TASK REQUIREMENTS -
Please copy out the entries until you have copied the line that contains "#7=PRESENTATION_STYLE_ASSIGNMENT((#6));", beginning with the first line.
START INPUT DATA
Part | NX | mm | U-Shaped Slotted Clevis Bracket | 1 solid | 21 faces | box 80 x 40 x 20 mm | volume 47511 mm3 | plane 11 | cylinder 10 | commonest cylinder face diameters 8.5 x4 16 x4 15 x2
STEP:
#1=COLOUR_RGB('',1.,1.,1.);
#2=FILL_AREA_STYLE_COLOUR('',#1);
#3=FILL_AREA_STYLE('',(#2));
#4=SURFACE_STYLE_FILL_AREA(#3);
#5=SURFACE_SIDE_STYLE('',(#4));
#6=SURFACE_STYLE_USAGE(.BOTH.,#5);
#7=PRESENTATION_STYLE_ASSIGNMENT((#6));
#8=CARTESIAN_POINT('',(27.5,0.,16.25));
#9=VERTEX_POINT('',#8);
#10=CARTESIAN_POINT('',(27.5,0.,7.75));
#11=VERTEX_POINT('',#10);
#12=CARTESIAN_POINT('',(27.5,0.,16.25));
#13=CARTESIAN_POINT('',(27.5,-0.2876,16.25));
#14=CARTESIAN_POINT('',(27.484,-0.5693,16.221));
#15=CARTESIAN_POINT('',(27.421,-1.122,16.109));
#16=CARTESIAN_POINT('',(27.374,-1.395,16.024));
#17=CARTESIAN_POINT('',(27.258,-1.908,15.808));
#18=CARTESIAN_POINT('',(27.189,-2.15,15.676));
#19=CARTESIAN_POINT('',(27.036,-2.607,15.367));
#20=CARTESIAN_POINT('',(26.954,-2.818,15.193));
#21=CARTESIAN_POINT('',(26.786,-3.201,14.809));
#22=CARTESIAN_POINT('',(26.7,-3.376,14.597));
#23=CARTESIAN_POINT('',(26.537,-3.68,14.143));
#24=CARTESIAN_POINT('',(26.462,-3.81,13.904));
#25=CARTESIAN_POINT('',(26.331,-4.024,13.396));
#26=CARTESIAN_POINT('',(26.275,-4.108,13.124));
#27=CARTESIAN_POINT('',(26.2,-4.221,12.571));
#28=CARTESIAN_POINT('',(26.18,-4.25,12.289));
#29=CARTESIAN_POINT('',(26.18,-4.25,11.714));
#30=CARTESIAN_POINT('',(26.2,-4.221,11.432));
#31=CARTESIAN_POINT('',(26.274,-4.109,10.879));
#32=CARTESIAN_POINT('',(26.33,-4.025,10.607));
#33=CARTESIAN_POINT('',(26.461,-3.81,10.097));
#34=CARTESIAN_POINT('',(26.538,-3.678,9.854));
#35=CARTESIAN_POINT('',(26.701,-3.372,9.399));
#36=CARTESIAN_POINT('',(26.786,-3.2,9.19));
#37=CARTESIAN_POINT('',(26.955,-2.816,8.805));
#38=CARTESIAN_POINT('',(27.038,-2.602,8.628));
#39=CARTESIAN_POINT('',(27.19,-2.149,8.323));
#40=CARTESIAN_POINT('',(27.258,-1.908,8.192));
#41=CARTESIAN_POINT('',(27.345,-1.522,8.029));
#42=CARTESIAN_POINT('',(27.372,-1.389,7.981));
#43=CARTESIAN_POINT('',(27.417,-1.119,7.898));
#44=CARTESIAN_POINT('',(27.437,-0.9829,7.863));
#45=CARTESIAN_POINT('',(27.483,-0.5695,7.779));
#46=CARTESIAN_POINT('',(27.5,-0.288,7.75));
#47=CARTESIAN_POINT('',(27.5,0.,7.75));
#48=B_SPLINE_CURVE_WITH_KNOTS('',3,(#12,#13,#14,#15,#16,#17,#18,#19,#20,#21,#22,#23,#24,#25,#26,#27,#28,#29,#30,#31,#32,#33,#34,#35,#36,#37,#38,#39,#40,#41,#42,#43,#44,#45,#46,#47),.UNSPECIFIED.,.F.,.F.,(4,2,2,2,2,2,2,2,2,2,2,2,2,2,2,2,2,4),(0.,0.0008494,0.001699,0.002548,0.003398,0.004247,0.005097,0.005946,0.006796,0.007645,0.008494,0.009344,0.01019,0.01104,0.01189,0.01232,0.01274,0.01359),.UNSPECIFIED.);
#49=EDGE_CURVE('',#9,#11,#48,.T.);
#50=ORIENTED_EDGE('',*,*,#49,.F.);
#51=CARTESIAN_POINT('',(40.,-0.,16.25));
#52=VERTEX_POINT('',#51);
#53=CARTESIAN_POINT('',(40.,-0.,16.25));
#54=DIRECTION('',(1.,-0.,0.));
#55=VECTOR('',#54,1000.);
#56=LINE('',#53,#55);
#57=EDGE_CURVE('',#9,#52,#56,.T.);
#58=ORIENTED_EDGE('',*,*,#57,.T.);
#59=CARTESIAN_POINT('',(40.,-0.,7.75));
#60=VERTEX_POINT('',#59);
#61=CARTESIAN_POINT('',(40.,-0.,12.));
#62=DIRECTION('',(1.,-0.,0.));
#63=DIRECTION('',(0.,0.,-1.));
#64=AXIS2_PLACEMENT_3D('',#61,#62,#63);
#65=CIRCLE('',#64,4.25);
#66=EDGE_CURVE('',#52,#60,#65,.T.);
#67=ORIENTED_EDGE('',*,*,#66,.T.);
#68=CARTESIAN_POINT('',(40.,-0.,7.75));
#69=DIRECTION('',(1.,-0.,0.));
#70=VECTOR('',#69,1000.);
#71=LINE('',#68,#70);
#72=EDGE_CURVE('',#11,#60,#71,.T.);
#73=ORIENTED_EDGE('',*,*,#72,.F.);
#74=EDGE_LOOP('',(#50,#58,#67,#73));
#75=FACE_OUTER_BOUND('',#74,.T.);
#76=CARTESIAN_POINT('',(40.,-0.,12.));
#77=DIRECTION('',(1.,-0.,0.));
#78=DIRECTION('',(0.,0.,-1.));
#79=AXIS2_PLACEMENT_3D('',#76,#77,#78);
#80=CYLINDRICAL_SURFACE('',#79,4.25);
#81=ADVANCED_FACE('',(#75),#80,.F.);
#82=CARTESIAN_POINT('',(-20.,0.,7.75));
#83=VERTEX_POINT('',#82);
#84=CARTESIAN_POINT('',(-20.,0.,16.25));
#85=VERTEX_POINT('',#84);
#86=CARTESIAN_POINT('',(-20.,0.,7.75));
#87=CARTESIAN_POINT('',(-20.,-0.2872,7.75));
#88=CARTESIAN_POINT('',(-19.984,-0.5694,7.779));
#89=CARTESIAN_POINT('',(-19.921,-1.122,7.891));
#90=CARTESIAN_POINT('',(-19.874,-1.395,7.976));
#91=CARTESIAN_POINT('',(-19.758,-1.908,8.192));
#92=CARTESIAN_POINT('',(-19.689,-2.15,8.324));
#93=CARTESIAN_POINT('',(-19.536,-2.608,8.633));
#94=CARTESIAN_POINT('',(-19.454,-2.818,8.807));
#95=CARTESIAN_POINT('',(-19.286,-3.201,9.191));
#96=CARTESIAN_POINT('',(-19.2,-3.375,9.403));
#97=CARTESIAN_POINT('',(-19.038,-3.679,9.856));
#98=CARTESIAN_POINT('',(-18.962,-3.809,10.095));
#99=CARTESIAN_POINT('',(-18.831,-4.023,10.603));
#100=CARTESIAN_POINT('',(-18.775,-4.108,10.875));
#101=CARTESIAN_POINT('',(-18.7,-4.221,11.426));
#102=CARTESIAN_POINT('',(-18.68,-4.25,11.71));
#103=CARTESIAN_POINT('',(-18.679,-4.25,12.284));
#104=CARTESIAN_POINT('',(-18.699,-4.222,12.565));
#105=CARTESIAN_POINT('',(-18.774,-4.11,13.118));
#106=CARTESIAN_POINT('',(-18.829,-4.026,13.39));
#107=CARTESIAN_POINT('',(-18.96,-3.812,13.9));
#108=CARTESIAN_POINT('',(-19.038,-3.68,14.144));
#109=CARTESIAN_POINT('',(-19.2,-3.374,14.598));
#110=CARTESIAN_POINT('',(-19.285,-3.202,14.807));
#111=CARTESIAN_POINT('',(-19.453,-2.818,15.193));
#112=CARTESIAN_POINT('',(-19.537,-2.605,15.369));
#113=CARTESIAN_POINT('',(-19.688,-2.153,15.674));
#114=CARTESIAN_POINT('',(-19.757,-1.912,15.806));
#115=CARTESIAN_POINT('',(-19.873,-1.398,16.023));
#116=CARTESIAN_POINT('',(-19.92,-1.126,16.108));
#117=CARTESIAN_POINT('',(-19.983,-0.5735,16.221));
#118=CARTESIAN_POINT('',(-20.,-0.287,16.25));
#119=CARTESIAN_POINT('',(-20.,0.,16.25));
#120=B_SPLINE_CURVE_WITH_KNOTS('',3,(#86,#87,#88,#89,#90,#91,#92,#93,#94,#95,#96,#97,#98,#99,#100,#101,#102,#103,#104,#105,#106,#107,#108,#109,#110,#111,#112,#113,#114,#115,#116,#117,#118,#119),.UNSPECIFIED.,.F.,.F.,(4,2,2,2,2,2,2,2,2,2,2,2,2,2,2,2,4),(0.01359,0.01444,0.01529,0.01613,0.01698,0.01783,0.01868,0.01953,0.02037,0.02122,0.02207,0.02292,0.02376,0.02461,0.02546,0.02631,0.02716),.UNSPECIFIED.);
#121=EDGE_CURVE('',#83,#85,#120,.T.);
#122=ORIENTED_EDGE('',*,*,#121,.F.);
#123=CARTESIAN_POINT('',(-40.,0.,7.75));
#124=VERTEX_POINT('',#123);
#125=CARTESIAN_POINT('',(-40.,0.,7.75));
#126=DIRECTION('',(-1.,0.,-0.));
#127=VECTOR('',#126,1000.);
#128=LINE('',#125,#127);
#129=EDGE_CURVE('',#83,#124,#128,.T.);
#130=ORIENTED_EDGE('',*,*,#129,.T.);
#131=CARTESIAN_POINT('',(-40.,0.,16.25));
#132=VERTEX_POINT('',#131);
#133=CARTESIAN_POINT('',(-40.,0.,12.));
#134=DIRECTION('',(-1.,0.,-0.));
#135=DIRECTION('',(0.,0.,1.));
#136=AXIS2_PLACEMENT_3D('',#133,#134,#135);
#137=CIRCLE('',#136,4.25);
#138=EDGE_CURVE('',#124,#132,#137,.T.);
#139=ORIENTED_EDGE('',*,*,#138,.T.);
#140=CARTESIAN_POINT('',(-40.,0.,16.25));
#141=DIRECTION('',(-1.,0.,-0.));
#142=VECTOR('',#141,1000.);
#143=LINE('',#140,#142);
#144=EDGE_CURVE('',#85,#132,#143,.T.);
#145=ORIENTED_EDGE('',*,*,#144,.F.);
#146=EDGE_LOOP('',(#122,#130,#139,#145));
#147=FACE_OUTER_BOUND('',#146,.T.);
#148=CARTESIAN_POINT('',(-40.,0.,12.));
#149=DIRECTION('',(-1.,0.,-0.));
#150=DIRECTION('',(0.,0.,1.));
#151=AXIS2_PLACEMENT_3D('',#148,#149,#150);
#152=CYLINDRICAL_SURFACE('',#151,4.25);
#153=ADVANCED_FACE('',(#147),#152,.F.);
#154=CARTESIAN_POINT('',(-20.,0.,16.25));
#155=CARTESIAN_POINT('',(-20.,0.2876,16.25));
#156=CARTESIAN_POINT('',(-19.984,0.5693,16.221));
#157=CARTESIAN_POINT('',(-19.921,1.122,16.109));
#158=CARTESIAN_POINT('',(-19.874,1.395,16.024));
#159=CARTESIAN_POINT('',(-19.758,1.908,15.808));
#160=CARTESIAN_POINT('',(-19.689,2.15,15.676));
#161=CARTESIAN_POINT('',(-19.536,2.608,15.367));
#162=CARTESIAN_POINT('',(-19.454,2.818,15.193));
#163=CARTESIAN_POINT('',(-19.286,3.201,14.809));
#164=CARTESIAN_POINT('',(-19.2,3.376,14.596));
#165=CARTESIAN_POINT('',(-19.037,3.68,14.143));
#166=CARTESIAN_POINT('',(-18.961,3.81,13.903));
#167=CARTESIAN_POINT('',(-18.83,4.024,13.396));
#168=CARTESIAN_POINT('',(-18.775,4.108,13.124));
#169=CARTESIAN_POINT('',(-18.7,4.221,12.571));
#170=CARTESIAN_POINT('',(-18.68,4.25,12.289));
END INPUT DATA
ANSWER TO THE EXERCISE -
Part | NX | mm | U-Shaped Slotted Clevis Bracket | 1 solid | 21 faces | box 80 x 40 x 20 mm | volume 47511 mm3 | plane 11 | cylinder 10 | commonest cylinder face diameters 8.5 x4 16 x4 15 x2
STEP:
#1=COLOUR_RGB('',1.,1.,1.);
#2=FILL_AREA_STYLE_COLOUR('',#1);
#3=FILL_AREA_STYLE('',(#2));
#4=SURFACE_STYLE_FILL_AREA(#3);
#5=SURFACE_SIDE_STYLE('',(#4));
#6=SURFACE_STYLE_USAGE(.BOTH.,#5);
#7=PRESENTATION_STYLE_ASSIGNMENT((#6));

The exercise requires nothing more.